╭─ Materials provided

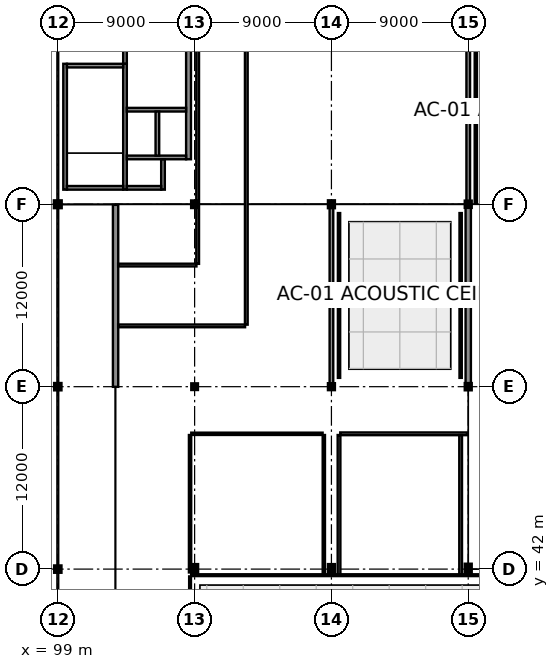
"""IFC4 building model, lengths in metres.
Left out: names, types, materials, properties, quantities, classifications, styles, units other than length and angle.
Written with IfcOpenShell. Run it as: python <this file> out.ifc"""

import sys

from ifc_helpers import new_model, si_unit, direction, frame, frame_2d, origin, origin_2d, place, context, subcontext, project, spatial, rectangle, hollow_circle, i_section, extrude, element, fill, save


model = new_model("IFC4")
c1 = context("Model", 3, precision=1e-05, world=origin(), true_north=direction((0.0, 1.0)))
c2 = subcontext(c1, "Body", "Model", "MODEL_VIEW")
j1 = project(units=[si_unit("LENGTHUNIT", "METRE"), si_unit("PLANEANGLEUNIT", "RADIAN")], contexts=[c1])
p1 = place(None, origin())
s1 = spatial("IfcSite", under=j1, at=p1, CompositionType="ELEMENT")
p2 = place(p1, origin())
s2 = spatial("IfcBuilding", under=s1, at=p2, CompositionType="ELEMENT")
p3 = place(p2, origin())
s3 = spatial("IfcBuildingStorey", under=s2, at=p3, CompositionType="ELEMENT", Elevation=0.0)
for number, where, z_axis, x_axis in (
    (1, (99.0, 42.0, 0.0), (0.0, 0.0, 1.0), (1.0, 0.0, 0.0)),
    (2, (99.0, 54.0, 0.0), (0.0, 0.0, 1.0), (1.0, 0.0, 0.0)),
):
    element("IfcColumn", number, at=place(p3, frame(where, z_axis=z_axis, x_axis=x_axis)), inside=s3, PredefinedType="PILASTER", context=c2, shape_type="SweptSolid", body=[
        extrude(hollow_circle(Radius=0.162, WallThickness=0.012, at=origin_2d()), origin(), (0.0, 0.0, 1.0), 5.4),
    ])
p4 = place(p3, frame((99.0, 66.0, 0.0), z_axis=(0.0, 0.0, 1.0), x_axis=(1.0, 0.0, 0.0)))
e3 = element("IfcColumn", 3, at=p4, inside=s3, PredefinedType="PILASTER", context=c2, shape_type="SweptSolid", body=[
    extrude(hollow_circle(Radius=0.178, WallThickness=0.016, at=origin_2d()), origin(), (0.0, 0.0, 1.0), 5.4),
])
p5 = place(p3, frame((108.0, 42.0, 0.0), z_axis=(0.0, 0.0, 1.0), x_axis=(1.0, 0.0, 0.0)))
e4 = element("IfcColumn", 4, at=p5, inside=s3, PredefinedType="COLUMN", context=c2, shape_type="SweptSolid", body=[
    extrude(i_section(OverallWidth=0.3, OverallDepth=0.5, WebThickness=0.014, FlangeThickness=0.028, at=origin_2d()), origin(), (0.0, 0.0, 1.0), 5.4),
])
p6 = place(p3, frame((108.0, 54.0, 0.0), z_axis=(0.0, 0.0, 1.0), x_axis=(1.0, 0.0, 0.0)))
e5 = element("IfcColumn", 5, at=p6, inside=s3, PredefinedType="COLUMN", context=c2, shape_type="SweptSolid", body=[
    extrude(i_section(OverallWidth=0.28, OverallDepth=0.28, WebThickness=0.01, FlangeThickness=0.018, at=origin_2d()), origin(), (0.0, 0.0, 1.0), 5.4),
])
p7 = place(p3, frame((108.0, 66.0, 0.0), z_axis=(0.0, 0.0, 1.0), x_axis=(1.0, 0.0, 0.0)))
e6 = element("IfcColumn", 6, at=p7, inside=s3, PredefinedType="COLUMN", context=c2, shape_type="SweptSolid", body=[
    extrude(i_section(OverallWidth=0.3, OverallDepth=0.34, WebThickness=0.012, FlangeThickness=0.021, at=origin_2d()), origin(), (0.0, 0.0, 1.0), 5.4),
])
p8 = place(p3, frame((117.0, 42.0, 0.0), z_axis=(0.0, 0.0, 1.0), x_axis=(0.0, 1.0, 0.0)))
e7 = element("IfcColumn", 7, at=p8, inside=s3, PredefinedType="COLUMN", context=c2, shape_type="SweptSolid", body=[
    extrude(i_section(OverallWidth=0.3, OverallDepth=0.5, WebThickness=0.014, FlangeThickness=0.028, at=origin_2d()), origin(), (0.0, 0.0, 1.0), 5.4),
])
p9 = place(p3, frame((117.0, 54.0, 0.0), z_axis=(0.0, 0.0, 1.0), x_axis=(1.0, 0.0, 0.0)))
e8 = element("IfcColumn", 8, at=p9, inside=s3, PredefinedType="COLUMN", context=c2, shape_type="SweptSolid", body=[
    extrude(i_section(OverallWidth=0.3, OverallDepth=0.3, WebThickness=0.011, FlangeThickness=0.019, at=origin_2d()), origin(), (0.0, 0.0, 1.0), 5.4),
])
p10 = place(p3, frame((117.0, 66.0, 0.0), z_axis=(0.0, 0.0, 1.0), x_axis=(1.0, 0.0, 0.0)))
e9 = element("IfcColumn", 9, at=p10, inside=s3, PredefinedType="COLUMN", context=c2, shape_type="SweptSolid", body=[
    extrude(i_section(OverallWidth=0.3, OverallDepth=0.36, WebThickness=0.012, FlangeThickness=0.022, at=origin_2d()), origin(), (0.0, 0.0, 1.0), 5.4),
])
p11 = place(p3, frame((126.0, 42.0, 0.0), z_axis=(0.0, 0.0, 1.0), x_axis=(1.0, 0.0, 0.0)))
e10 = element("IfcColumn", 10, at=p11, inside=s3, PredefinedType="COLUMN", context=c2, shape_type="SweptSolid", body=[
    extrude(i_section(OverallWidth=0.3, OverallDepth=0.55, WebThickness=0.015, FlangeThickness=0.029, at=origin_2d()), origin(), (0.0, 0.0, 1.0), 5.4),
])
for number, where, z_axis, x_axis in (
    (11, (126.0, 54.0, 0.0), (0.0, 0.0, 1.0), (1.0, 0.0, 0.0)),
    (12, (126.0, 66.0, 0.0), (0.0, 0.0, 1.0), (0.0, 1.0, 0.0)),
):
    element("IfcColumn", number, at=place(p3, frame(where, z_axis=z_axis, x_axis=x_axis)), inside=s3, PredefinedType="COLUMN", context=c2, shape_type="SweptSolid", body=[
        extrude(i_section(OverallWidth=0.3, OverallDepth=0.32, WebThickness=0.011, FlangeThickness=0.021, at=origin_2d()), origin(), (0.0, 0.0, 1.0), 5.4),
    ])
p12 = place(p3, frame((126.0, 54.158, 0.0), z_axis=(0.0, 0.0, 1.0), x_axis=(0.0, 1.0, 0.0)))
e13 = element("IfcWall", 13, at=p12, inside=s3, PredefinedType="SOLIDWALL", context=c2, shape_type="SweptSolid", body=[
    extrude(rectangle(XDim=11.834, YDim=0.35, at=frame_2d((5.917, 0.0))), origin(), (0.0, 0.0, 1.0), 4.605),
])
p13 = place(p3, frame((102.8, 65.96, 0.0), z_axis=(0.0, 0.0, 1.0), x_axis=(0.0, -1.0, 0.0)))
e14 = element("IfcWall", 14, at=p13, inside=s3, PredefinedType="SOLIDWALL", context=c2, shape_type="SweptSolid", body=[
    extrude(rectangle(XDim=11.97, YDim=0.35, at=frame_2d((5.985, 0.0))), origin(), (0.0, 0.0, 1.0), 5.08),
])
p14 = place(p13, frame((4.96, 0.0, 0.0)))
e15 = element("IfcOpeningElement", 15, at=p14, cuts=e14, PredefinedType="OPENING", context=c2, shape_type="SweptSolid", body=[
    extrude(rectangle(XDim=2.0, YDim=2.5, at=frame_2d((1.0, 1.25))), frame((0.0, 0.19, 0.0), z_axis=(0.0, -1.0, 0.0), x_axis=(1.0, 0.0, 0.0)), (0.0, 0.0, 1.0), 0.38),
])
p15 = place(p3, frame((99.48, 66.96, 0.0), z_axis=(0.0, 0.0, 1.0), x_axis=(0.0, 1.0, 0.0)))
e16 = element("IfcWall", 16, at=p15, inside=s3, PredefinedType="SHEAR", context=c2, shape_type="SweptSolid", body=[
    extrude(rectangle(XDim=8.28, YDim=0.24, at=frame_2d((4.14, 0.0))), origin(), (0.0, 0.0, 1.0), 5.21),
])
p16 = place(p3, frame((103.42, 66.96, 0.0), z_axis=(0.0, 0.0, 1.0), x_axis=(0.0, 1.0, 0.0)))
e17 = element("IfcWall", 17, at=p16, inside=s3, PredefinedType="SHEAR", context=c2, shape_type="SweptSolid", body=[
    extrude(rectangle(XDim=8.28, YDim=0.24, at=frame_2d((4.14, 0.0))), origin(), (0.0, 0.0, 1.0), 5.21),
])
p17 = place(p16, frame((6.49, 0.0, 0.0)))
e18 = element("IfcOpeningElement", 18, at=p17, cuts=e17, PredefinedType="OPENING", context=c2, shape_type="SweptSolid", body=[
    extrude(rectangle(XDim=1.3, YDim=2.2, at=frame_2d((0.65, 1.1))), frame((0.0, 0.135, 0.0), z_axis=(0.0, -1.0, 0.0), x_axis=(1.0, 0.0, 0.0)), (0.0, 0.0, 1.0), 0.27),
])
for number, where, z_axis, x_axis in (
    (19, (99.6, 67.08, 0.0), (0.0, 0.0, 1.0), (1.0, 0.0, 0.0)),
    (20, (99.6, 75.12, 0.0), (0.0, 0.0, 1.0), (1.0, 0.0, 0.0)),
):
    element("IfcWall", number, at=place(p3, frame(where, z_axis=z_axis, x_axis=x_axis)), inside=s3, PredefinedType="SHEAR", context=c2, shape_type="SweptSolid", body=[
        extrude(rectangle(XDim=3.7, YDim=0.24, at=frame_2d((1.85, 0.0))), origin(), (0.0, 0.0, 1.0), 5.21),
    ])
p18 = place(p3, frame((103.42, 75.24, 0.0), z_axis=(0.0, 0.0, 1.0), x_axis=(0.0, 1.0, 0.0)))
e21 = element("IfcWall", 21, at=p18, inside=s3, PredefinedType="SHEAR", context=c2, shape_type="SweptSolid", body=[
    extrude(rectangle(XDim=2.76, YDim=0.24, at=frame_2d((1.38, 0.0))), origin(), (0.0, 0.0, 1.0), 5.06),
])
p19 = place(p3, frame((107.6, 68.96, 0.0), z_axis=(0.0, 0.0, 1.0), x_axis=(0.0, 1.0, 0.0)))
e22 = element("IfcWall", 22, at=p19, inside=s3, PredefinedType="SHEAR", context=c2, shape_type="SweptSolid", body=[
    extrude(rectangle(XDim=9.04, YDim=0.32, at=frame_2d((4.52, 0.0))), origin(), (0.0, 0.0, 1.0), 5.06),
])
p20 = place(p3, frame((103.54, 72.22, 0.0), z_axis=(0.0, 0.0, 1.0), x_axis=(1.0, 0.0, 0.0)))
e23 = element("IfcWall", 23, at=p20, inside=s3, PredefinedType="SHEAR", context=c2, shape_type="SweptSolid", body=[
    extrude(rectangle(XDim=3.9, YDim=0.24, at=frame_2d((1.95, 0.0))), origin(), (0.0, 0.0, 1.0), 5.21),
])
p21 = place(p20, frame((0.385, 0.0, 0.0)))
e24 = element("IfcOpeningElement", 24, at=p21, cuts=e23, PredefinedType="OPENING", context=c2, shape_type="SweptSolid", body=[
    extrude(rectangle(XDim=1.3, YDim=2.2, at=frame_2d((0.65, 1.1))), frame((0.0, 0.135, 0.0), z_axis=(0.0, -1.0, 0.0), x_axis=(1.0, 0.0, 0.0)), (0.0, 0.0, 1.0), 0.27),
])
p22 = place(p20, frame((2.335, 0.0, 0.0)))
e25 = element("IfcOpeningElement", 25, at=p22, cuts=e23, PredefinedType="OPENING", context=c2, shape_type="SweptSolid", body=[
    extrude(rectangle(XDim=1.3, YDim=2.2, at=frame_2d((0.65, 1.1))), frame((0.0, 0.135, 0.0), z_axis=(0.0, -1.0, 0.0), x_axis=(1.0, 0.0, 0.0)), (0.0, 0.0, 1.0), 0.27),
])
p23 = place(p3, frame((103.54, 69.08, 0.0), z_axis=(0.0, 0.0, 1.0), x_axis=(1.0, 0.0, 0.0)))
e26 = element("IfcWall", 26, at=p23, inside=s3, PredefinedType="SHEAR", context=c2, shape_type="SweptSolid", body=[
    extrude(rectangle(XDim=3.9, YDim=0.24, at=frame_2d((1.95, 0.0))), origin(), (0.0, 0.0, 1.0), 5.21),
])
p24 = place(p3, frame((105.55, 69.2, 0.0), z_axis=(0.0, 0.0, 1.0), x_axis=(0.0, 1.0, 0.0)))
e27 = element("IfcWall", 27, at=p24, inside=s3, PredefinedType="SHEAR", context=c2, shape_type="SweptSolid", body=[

╰─

_What the task asks:_ Look for the word "WallThickness" in the data, then return every line that contains it.

_Output of the exercise:_
        extrude(hollow_circle(Radius=0.162, WallThickness=0.012, at=origin_2d()), origin(), (0.0, 0.0, 1.0), 5.4),
    extrude(hollow_circle(Radius=0.178, WallThickness=0.016, at=origin_2d()), origin(), (0.0, 0.0, 1.0), 5.4),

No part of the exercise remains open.